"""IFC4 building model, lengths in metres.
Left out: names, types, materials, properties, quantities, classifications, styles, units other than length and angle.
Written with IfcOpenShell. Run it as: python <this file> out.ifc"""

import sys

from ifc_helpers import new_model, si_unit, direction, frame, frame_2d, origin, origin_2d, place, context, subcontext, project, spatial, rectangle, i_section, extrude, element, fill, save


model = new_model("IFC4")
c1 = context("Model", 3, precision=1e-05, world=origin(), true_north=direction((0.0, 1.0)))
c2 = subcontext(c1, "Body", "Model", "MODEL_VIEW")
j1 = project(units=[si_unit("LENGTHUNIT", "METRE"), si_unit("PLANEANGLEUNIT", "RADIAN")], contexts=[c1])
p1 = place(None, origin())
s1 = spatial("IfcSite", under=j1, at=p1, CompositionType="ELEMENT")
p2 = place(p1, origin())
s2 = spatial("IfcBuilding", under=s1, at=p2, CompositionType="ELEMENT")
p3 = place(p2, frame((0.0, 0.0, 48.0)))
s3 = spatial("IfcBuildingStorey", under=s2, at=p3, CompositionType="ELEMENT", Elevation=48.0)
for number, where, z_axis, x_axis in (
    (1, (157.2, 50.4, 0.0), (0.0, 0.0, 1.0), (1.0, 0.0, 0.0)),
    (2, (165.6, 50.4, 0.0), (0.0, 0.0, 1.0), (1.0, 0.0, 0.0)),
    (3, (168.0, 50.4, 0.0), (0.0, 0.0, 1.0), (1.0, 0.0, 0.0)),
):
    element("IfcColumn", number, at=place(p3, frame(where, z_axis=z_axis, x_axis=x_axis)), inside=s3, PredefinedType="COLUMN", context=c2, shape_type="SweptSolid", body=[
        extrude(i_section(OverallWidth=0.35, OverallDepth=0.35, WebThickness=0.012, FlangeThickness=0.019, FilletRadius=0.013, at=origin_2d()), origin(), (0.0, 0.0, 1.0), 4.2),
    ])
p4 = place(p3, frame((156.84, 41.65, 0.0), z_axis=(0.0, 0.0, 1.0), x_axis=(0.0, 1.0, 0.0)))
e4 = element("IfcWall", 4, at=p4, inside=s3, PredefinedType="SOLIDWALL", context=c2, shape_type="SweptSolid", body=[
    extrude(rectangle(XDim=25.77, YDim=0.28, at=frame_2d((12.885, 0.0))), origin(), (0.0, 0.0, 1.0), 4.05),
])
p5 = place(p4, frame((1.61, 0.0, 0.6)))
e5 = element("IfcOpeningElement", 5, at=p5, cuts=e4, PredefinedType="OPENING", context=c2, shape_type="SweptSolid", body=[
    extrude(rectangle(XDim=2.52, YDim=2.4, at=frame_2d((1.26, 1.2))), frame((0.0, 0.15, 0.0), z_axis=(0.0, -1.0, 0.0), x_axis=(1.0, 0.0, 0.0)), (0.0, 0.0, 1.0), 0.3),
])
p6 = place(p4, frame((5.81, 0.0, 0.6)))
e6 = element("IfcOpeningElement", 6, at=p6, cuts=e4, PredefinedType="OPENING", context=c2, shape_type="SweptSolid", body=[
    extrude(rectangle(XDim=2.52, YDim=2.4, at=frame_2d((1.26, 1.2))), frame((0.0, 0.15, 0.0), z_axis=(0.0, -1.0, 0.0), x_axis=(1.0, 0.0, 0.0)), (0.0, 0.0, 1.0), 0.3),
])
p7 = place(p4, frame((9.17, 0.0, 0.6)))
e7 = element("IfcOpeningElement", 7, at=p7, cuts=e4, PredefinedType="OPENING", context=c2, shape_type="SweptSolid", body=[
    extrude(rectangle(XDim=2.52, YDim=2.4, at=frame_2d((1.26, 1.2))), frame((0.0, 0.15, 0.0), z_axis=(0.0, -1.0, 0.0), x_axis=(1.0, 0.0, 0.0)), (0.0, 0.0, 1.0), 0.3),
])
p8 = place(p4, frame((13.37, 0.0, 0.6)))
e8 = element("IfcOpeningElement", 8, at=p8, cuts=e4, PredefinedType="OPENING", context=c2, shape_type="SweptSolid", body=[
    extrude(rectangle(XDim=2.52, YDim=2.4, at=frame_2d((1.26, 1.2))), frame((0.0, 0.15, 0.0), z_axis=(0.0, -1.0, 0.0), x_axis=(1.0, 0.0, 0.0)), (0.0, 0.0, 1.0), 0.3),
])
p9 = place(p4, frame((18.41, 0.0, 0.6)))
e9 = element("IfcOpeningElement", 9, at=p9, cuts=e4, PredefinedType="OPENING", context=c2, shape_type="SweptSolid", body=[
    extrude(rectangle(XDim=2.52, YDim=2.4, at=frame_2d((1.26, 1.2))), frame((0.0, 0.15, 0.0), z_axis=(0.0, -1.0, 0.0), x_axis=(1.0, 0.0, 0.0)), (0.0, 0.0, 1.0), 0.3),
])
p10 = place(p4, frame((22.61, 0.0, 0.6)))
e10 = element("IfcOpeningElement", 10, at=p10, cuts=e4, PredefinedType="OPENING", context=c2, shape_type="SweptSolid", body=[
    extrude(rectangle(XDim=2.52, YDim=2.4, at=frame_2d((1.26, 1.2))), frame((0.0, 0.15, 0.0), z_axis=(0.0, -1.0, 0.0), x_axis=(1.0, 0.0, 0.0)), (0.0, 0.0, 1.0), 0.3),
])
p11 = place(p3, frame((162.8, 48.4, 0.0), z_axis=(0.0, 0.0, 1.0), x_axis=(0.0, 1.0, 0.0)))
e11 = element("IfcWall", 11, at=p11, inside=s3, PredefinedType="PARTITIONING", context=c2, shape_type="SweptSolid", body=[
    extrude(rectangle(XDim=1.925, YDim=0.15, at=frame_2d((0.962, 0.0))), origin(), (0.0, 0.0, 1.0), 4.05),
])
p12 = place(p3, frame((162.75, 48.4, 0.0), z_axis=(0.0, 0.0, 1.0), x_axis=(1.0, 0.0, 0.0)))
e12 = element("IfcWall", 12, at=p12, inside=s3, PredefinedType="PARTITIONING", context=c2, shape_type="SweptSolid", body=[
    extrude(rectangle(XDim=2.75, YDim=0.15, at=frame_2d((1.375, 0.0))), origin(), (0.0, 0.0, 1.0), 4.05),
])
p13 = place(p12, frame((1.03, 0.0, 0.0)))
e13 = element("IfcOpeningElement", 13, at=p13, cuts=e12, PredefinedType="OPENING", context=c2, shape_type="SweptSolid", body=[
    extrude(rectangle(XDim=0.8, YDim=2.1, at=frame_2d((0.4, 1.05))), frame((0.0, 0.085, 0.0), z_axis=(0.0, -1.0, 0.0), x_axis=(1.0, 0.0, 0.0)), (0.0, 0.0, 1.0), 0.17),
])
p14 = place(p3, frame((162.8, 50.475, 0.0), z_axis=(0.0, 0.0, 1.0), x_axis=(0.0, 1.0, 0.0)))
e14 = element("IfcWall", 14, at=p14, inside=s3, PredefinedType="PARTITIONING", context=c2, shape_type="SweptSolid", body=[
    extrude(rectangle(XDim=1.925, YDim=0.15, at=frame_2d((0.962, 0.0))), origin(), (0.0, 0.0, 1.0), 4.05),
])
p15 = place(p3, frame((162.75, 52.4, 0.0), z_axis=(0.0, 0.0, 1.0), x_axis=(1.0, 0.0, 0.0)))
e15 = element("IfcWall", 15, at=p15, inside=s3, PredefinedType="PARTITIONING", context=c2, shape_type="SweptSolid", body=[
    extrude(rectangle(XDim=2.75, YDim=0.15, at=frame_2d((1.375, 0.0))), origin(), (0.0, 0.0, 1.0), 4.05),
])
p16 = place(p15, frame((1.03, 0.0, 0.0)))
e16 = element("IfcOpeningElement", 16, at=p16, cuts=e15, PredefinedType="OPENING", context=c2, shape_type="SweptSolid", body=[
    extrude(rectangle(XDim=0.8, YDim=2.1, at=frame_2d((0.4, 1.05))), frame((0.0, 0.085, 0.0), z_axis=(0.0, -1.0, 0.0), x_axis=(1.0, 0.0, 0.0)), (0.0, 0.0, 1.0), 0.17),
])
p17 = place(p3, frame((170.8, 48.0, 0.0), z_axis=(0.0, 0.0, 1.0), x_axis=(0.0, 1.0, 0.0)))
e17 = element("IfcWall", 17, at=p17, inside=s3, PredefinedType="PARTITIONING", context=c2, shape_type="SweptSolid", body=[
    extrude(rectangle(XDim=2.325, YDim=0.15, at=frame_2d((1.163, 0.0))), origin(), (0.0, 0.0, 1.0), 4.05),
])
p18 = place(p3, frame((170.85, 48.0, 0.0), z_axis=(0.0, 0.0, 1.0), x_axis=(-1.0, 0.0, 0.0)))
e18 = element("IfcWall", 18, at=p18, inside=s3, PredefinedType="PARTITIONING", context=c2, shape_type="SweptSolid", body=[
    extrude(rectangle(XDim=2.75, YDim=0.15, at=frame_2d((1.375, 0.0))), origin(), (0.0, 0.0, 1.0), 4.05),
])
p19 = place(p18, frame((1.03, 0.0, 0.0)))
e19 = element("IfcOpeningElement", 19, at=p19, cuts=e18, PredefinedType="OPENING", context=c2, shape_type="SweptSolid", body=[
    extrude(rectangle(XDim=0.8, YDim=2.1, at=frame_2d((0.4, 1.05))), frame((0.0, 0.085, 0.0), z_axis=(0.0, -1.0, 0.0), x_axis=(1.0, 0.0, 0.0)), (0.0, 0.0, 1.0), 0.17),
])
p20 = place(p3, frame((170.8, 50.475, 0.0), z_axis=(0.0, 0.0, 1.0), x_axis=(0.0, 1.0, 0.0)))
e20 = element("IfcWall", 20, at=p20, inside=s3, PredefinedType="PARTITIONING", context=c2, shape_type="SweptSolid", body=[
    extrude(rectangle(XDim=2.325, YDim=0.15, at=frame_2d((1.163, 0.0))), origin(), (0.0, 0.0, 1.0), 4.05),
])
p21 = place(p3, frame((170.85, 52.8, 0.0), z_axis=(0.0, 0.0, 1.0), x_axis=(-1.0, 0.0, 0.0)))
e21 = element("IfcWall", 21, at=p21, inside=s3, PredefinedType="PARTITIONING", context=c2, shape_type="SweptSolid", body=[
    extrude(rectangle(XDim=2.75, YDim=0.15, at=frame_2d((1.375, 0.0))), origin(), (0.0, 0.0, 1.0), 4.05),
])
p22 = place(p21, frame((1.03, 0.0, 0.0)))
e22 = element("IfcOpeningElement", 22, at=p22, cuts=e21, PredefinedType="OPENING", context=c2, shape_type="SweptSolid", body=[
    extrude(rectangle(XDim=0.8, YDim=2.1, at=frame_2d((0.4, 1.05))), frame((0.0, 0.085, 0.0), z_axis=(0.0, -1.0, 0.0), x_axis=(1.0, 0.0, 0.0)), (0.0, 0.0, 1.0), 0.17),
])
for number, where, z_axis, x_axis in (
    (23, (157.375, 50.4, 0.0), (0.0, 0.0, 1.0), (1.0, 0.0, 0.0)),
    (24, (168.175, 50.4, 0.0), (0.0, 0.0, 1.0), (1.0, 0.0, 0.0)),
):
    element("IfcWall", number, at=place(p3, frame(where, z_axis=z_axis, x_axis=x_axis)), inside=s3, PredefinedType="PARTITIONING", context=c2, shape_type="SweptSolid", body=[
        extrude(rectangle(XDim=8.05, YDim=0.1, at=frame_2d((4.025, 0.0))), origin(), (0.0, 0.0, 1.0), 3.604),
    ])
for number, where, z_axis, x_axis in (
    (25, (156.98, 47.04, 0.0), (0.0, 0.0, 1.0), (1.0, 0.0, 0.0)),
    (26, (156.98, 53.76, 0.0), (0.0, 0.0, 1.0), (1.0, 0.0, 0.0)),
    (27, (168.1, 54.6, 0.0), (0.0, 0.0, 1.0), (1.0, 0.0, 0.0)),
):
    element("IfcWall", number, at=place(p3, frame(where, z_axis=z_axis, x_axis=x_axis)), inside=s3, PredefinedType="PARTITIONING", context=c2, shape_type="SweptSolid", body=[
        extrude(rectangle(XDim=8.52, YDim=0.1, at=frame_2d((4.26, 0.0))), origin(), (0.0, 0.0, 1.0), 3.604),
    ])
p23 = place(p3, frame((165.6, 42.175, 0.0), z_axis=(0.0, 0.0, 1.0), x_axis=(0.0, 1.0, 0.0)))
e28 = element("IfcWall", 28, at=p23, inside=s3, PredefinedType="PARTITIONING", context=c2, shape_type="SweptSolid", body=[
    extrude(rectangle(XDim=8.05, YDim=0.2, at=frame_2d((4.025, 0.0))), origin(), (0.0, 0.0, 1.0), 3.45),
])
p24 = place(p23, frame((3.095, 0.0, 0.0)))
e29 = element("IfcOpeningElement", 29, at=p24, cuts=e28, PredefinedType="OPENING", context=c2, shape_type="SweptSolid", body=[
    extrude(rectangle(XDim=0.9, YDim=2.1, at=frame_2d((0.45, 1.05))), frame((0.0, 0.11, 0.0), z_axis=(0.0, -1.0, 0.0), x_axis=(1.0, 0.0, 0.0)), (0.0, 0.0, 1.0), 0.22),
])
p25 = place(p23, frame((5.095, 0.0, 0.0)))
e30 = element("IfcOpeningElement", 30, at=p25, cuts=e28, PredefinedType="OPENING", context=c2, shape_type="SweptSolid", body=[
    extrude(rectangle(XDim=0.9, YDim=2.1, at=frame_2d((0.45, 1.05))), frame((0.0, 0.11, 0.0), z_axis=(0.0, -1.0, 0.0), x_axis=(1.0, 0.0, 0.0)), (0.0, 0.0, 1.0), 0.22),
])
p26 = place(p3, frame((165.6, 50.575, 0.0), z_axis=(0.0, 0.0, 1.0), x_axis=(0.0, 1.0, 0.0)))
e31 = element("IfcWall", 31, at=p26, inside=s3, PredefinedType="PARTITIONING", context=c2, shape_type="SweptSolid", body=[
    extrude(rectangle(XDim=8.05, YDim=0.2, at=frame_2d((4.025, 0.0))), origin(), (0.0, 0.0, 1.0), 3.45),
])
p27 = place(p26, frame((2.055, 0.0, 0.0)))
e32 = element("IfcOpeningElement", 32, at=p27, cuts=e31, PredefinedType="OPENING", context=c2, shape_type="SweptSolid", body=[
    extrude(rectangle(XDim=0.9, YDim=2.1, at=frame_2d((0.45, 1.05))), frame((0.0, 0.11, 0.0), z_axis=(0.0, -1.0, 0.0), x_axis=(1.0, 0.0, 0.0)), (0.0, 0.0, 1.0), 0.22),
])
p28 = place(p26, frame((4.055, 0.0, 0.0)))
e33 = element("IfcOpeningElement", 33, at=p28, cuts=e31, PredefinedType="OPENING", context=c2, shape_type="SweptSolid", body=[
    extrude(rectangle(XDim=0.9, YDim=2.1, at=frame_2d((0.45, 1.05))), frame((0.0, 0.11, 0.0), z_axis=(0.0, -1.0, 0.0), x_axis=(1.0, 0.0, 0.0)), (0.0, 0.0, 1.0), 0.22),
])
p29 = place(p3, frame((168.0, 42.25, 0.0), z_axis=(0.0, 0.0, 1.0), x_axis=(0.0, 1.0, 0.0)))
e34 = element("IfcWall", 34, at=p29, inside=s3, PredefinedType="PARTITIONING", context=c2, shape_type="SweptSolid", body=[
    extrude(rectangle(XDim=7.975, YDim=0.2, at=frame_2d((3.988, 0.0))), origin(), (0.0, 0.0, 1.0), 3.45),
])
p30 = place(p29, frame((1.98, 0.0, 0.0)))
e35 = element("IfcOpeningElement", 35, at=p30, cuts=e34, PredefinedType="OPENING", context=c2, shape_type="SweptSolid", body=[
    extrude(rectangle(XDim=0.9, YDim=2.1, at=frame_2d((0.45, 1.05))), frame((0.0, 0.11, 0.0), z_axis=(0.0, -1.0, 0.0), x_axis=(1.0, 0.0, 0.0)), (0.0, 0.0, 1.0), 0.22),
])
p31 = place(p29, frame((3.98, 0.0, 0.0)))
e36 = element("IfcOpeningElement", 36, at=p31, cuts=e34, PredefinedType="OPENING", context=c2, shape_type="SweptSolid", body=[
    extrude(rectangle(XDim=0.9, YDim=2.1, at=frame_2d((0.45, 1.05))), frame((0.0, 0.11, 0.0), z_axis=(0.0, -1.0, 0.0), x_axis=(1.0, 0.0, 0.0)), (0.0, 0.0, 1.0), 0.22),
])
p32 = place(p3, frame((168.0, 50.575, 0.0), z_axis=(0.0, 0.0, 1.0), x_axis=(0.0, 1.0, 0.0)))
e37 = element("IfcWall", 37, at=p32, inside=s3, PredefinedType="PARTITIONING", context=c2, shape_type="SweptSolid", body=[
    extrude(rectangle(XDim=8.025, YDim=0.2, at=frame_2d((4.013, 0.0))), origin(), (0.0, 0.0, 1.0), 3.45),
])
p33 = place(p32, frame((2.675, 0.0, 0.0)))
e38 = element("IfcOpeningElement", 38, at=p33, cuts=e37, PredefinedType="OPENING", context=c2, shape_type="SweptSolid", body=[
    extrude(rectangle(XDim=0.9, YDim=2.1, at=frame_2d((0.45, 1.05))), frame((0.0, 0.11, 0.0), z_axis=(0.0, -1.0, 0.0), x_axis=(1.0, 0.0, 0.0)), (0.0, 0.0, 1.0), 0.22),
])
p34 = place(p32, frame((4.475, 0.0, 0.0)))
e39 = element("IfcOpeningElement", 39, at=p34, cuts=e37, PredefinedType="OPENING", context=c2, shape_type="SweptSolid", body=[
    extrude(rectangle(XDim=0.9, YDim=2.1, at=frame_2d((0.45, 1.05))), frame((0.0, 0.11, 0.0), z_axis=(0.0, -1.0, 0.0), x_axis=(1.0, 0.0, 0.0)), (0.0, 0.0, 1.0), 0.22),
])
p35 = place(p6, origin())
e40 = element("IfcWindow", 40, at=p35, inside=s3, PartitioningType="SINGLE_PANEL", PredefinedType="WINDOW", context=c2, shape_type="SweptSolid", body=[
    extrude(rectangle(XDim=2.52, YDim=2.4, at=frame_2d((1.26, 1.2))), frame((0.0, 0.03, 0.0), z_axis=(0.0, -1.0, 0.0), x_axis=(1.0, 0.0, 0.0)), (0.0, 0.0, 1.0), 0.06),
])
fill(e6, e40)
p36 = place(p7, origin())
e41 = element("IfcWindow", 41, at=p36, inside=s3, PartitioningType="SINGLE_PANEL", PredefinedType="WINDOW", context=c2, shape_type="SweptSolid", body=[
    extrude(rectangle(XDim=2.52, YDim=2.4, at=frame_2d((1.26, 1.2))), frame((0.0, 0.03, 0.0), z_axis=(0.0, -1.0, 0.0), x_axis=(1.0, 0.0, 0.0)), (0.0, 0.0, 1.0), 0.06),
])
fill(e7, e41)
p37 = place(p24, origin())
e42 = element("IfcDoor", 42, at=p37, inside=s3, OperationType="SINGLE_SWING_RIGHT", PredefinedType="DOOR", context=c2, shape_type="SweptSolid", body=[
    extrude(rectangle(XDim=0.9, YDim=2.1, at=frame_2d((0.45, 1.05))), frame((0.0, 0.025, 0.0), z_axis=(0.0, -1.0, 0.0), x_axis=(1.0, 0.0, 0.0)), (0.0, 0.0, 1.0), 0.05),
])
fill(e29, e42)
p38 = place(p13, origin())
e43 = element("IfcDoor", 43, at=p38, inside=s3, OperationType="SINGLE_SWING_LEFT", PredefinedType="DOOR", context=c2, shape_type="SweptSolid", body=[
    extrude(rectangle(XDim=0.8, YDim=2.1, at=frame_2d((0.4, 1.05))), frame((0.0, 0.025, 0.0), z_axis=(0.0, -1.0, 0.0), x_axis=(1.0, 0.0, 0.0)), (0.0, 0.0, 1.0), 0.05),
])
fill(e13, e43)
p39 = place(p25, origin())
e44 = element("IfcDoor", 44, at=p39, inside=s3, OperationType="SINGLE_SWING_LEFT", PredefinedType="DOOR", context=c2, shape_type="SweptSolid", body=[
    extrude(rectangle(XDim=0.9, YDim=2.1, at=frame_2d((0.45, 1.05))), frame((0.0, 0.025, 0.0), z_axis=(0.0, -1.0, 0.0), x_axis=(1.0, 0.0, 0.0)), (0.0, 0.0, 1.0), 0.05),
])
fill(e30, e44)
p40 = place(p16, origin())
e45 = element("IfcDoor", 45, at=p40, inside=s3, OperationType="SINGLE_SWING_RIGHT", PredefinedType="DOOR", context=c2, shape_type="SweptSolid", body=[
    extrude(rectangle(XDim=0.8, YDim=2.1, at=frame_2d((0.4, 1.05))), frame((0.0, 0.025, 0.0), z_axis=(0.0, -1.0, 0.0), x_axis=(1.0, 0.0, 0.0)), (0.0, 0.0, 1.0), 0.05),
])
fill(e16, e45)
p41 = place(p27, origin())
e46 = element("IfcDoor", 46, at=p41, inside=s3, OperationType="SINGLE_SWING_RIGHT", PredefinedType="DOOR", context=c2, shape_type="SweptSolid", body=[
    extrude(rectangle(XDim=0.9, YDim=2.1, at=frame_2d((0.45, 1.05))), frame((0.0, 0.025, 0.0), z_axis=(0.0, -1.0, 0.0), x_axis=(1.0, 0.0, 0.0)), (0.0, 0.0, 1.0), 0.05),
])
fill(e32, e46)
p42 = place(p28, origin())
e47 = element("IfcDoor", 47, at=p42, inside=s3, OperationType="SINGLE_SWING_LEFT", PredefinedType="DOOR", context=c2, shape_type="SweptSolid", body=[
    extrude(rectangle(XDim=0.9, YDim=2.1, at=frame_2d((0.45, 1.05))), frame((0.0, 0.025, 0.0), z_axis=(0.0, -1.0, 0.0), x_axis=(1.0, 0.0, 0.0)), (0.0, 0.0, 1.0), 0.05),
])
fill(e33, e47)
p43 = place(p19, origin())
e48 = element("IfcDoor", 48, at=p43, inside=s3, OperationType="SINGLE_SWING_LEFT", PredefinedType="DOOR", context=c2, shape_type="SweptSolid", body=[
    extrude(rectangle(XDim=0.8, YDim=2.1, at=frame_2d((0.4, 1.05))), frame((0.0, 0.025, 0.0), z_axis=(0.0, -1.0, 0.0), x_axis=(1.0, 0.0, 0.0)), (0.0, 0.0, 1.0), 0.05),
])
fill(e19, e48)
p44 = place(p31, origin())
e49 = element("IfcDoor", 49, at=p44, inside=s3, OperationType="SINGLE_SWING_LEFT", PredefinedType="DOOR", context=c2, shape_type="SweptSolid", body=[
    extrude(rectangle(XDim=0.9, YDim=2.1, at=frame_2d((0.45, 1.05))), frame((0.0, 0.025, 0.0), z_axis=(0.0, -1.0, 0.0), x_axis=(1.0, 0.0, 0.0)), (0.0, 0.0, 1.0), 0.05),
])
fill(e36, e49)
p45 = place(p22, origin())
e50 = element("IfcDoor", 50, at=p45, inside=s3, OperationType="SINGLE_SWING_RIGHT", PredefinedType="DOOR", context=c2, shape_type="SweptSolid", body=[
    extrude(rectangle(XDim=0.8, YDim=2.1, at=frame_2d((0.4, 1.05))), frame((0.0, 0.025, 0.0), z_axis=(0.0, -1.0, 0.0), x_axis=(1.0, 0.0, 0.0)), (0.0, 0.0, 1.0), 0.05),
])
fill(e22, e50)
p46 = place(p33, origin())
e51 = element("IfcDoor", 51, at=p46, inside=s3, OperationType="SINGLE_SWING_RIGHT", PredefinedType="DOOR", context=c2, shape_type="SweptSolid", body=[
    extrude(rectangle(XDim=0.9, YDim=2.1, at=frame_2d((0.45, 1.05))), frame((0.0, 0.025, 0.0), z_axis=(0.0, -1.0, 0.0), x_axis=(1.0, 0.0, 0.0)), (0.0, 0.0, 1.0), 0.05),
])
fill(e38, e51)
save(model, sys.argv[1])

## WHAT THE EXERCISE ASKS
Reproduce only the lines above spanning from the line containing "p33 = place(p32, frame((2.675, 0.0, 0.0)))" through the line containing "p35 = place(p6, origin())", word for word.

## YOUR RESPONSE
p33 = place(p32, frame((2.675, 0.0, 0.0)))
e38 = element("IfcOpeningElement", 38, at=p33, cuts=e37, PredefinedType="OPENING", context=c2, shape_type="SweptSolid", body=[
    extrude(rectangle(XDim=0.9, YDim=2.1, at=frame_2d((0.45, 1.05))), frame((0.0, 0.11, 0.0), z_axis=(0.0, -1.0, 0.0), x_axis=(1.0, 0.0, 0.0)), (0.0, 0.0, 1.0), 0.22),
])
p34 = place(p32, frame((4.475, 0.0, 0.0)))
e39 = element("IfcOpeningElement", 39, at=p34, cuts=e37, PredefinedType="OPENING", context=c2, shape_type="SweptSolid", body=[
    extrude(rectangle(XDim=0.9, YDim=2.1, at=frame_2d((0.45, 1.05))), frame((0.0, 0.11, 0.0), z_axis=(0.0, -1.0, 0.0), x_axis=(1.0, 0.0, 0.0)), (0.0, 0.0, 1.0), 0.22),
])
p35 = place(p6, origin())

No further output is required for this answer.